Exercise description: Some lines of these records may hold the word "linetypes"; state how many, using only the number.

====== Data for review ======

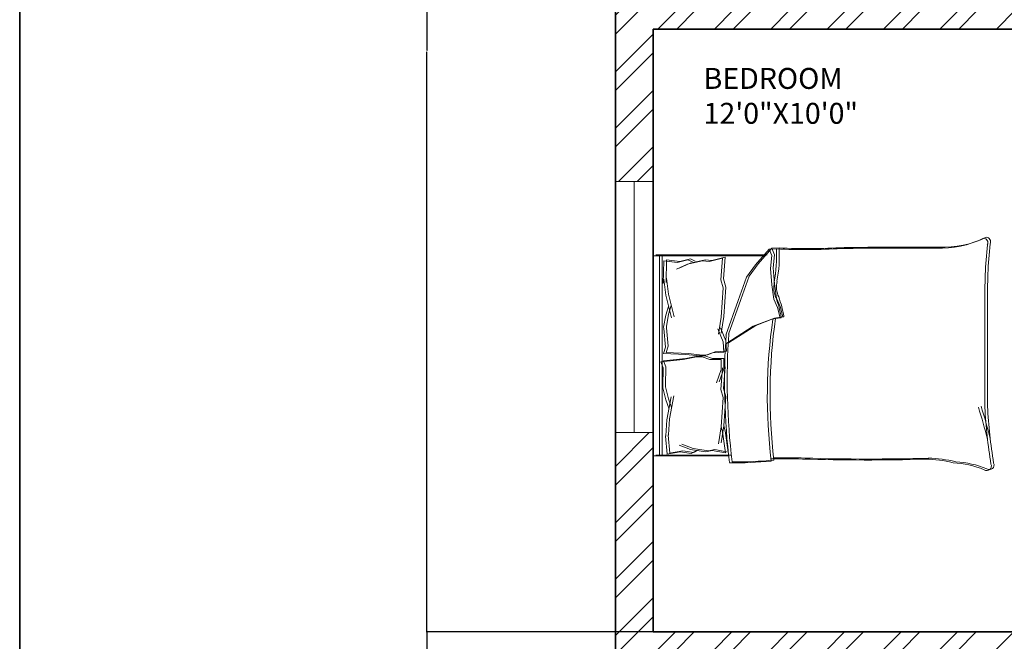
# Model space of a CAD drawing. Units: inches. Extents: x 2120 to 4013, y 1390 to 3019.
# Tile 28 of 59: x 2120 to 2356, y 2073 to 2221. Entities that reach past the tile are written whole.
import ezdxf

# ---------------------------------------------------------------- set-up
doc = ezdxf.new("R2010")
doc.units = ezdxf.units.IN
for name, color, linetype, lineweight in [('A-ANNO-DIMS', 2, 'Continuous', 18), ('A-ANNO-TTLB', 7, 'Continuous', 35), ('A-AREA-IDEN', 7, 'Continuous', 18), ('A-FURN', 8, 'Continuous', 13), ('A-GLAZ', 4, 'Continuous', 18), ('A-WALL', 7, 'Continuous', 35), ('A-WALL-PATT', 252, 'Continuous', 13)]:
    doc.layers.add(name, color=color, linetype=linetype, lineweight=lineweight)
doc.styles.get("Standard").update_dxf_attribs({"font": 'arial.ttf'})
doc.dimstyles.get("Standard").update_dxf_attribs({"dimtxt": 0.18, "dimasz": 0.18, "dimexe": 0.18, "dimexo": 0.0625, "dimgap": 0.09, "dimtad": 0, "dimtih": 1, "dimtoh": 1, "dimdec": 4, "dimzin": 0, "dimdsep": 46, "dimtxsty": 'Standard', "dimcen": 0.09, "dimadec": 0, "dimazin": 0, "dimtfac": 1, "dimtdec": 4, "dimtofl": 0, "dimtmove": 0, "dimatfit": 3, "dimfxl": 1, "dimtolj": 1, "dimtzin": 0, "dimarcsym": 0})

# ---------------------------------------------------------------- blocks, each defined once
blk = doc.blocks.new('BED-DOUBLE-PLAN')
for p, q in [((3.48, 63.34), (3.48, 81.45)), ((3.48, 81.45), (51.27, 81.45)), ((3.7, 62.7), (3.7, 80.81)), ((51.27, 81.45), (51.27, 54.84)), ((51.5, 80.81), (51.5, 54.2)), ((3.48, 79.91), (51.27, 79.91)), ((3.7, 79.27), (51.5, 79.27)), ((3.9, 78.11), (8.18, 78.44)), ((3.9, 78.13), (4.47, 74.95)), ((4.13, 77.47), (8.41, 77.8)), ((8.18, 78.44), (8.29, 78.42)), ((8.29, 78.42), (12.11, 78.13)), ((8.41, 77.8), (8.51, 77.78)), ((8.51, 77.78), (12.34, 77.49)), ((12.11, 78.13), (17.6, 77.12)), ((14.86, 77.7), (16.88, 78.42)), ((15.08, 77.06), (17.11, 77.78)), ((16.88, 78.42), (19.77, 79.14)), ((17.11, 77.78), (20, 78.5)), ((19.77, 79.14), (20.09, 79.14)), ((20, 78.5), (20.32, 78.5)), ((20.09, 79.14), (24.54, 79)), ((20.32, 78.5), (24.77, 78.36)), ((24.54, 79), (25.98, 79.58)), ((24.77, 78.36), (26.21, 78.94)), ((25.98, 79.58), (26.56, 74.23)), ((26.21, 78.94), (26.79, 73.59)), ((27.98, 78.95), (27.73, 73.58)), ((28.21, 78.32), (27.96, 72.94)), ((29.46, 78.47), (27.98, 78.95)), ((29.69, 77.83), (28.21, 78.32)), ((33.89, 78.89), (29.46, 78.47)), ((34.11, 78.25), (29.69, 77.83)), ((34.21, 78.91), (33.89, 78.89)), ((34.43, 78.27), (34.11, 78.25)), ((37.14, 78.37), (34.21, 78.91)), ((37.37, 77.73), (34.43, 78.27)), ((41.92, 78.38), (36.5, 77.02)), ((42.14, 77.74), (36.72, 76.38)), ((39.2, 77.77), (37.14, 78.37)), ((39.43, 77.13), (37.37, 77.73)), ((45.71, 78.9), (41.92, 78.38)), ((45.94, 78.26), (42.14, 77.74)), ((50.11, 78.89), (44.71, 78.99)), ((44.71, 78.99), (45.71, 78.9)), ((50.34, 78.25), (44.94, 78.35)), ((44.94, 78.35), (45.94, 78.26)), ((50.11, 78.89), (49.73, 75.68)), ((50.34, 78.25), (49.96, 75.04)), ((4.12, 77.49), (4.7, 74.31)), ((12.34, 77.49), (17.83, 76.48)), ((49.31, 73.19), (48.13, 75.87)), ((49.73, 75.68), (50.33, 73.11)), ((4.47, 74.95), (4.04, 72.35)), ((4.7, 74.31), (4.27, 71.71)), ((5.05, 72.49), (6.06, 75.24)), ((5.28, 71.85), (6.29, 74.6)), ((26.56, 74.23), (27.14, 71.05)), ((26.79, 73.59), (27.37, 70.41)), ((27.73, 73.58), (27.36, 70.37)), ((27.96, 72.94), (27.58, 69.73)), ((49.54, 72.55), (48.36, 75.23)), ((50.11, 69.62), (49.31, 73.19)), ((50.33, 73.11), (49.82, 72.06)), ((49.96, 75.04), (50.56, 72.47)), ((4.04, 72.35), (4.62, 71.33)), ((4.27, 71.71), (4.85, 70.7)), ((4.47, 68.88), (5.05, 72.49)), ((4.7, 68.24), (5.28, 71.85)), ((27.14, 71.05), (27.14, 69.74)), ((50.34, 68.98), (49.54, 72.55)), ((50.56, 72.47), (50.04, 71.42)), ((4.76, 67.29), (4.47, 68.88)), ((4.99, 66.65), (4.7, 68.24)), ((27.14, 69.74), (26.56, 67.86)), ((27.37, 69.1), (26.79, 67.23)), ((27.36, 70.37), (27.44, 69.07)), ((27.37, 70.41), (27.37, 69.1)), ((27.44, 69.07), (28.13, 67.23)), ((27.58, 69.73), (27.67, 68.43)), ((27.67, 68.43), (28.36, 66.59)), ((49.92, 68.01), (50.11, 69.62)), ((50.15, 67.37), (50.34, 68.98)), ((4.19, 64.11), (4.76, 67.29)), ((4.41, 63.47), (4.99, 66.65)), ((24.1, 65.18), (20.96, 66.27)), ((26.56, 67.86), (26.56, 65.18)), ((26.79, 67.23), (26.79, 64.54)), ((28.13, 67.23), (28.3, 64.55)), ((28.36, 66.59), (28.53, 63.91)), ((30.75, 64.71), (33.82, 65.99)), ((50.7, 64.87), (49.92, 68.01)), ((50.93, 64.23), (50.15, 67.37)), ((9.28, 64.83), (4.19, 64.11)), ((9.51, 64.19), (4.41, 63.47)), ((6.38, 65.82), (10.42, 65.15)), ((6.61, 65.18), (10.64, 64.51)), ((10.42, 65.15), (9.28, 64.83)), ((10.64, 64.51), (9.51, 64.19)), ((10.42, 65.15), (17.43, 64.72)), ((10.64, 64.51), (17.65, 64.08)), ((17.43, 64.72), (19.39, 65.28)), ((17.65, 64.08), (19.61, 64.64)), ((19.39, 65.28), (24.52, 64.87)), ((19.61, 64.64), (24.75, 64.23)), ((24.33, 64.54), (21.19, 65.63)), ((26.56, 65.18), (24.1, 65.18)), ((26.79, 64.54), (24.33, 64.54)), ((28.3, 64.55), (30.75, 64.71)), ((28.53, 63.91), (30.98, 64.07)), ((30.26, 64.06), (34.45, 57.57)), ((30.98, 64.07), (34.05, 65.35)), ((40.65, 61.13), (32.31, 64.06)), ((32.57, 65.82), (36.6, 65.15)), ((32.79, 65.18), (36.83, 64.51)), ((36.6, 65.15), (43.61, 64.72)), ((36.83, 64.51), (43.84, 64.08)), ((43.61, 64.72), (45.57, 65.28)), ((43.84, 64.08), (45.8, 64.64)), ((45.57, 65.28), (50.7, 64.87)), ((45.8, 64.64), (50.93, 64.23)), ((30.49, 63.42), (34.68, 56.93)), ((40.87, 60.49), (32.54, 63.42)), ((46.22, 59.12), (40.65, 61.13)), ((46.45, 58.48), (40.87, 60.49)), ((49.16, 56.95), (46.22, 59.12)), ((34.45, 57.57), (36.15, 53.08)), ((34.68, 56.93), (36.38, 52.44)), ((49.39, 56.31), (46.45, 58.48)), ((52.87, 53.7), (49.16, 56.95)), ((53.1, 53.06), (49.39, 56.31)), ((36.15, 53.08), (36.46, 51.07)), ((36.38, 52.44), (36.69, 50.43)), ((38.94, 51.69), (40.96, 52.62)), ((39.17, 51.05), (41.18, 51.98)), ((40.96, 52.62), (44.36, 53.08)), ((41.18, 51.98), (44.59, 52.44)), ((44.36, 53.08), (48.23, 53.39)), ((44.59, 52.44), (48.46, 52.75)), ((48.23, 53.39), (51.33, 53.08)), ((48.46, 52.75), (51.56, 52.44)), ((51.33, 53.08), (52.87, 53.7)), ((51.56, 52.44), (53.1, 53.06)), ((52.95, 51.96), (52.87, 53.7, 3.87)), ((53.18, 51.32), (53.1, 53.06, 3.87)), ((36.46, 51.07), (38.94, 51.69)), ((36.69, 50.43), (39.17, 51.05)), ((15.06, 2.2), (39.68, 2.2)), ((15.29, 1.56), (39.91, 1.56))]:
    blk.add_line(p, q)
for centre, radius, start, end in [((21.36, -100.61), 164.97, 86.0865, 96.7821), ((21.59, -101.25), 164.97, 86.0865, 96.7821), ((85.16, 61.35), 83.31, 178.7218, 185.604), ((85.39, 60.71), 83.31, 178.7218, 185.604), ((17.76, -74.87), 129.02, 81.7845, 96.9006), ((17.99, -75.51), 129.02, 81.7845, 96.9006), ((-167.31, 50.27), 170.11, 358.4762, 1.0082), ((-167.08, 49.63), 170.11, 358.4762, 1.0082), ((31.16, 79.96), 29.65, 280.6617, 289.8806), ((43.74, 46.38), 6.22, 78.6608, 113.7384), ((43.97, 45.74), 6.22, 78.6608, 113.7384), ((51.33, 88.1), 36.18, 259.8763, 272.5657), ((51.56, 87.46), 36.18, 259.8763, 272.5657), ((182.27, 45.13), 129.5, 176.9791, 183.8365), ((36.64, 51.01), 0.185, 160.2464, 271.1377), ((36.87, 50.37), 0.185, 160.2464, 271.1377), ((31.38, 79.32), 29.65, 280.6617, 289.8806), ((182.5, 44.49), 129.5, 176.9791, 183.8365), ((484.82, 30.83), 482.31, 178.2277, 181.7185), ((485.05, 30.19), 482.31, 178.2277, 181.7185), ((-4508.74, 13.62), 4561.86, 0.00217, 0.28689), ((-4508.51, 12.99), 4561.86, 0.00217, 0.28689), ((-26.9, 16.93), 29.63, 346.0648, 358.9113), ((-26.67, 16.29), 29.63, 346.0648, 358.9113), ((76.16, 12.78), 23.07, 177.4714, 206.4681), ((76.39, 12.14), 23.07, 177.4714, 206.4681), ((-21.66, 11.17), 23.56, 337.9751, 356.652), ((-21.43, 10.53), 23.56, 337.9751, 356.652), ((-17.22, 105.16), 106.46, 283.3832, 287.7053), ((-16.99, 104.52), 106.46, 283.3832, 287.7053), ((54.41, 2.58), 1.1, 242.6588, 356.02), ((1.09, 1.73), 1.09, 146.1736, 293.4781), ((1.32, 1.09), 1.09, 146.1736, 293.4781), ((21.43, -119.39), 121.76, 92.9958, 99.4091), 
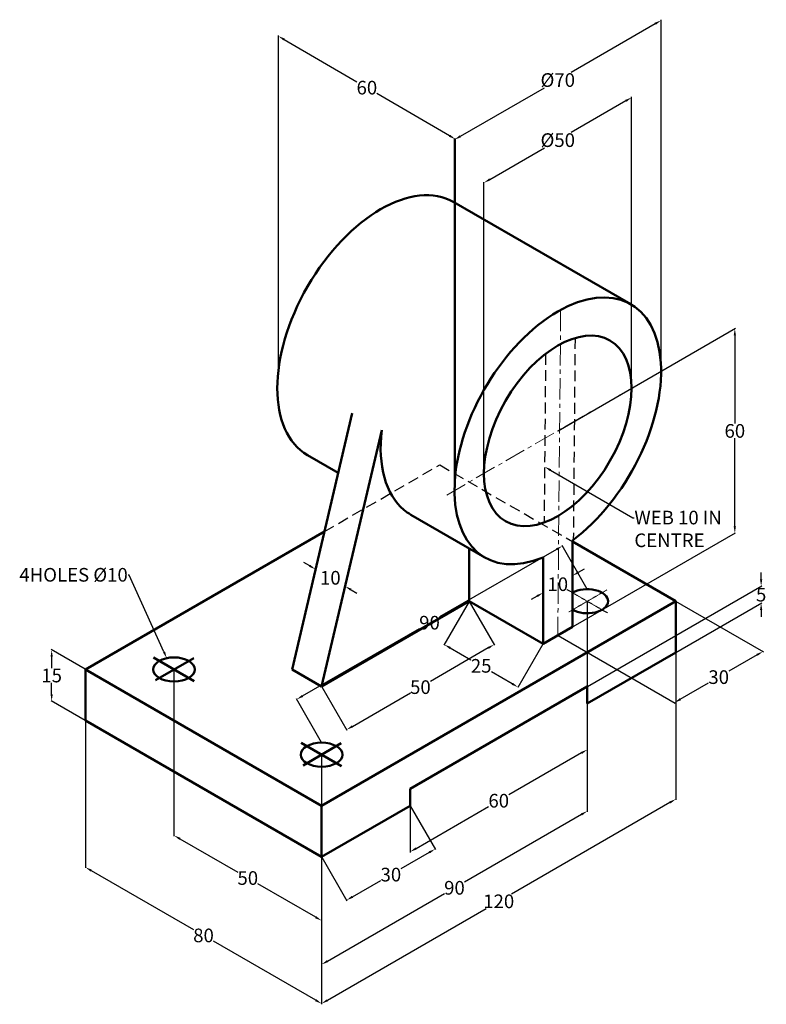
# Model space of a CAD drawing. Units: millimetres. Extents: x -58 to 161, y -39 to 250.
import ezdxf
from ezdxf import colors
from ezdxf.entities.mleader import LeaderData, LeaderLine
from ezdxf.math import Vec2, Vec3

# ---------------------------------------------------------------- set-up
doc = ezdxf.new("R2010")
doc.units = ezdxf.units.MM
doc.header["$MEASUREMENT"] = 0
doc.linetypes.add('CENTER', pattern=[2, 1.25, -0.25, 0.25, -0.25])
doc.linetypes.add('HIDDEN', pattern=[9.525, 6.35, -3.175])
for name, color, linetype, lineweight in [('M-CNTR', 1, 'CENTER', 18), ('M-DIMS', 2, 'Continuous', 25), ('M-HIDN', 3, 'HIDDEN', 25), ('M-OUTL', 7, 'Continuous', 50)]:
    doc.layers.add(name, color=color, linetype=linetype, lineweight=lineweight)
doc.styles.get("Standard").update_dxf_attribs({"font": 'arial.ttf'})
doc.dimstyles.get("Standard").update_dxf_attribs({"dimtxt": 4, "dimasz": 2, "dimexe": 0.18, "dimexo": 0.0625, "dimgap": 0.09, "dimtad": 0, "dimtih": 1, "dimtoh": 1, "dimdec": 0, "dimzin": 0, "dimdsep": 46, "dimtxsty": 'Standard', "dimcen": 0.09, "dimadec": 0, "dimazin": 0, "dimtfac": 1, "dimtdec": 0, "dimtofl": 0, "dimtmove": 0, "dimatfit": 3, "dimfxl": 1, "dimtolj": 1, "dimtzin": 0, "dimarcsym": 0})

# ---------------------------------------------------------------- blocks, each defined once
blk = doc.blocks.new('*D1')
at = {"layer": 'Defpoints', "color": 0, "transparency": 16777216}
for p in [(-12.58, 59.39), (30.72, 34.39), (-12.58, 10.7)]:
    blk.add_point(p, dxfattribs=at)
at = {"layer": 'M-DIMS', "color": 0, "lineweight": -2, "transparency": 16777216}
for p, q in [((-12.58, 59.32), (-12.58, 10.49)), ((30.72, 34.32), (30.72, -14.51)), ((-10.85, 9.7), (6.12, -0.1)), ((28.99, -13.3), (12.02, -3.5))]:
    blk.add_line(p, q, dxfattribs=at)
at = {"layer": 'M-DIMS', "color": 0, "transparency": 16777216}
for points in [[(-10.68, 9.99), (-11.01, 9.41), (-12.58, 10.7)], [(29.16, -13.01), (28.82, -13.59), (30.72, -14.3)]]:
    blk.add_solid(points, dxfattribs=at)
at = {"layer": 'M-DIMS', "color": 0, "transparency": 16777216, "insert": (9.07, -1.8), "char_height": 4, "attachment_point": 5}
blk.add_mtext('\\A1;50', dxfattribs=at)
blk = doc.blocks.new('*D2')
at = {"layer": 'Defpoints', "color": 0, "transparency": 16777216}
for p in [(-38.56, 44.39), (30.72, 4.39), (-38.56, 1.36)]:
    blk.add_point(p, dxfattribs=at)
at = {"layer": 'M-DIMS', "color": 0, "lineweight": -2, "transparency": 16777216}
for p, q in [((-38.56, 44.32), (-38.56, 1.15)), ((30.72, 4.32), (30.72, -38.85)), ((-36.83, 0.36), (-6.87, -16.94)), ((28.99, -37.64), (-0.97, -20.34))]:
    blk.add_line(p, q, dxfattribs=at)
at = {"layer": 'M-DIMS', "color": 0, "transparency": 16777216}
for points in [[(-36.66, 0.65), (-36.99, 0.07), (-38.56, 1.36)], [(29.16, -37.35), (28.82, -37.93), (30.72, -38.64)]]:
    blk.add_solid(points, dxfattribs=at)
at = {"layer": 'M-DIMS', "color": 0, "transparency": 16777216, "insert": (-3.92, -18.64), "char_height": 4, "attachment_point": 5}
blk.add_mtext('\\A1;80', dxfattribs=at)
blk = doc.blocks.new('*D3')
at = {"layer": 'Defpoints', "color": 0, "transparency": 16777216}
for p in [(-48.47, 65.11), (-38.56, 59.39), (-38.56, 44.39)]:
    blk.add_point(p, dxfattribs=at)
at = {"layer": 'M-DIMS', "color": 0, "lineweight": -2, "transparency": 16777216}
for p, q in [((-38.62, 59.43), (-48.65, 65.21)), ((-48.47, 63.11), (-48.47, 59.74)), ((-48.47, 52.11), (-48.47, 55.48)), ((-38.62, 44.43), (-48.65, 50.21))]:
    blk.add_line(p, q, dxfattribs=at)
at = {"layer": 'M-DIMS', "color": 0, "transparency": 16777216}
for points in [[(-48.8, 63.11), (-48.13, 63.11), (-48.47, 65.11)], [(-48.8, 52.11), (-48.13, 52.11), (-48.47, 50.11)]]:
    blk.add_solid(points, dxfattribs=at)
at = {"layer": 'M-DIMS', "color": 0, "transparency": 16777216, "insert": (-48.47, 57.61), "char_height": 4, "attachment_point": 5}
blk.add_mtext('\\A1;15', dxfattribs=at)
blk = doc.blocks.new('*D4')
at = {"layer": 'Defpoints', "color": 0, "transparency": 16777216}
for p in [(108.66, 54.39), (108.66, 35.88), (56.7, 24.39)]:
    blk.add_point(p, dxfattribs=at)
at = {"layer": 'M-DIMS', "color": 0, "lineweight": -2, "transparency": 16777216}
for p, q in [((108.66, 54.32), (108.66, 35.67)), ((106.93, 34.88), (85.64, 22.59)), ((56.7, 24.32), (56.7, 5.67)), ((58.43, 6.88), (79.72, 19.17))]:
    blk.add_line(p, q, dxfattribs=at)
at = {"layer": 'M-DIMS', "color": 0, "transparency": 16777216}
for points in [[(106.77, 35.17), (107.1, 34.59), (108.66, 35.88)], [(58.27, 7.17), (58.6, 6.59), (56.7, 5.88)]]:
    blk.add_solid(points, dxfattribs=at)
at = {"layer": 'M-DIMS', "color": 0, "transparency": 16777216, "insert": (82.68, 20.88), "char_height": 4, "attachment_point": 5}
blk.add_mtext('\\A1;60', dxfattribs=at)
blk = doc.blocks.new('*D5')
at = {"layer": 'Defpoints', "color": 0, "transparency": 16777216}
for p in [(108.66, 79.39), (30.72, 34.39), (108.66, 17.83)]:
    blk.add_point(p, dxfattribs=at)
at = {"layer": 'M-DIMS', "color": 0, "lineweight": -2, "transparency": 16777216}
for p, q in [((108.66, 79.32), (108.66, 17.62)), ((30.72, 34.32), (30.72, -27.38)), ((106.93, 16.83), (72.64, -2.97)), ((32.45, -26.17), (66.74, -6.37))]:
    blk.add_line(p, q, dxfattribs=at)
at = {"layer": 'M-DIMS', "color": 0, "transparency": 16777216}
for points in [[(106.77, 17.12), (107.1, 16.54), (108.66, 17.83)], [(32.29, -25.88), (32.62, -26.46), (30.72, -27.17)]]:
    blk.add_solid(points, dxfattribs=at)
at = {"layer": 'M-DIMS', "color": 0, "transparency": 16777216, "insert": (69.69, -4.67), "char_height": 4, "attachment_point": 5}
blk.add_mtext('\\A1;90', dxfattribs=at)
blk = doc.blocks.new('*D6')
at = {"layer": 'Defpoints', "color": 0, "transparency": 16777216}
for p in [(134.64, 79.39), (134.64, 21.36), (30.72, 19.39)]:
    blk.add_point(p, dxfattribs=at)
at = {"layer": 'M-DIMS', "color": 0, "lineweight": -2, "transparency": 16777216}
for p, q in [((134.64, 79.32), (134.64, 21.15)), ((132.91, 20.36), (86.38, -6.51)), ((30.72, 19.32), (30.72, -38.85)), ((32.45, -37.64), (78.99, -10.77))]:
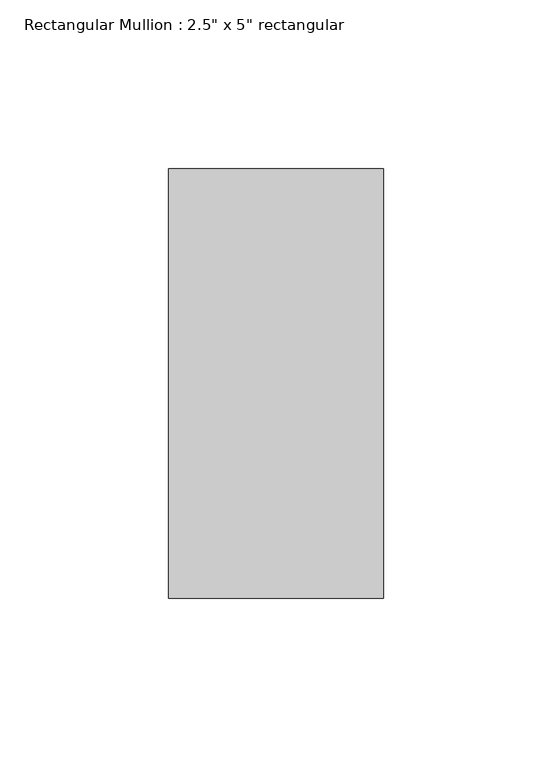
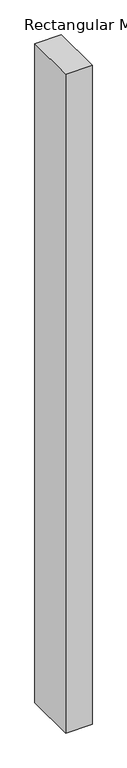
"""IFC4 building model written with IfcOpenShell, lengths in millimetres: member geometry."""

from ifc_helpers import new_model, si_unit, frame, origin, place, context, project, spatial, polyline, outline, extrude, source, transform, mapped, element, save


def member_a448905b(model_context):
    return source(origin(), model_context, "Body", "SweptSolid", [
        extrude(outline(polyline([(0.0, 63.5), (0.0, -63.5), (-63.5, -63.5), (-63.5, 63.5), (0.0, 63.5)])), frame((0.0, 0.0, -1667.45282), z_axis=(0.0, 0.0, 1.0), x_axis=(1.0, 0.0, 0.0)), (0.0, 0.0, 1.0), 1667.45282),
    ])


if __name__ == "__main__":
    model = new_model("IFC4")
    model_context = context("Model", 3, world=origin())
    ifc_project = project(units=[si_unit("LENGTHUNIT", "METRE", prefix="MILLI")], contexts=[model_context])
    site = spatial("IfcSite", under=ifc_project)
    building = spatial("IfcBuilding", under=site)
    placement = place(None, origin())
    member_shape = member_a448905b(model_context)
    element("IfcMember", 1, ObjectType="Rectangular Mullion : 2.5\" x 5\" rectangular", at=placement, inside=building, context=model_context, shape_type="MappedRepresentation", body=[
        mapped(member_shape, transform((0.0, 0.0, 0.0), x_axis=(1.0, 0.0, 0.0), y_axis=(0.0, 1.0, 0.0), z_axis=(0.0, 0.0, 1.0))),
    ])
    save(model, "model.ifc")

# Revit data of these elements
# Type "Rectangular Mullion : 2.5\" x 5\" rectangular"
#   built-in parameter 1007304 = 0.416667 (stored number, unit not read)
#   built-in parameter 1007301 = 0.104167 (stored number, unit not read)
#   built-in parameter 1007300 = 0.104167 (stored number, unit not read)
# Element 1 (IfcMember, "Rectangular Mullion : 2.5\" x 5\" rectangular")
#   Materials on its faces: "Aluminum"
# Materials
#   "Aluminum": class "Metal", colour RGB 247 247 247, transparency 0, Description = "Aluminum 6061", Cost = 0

======

Response to this task: 2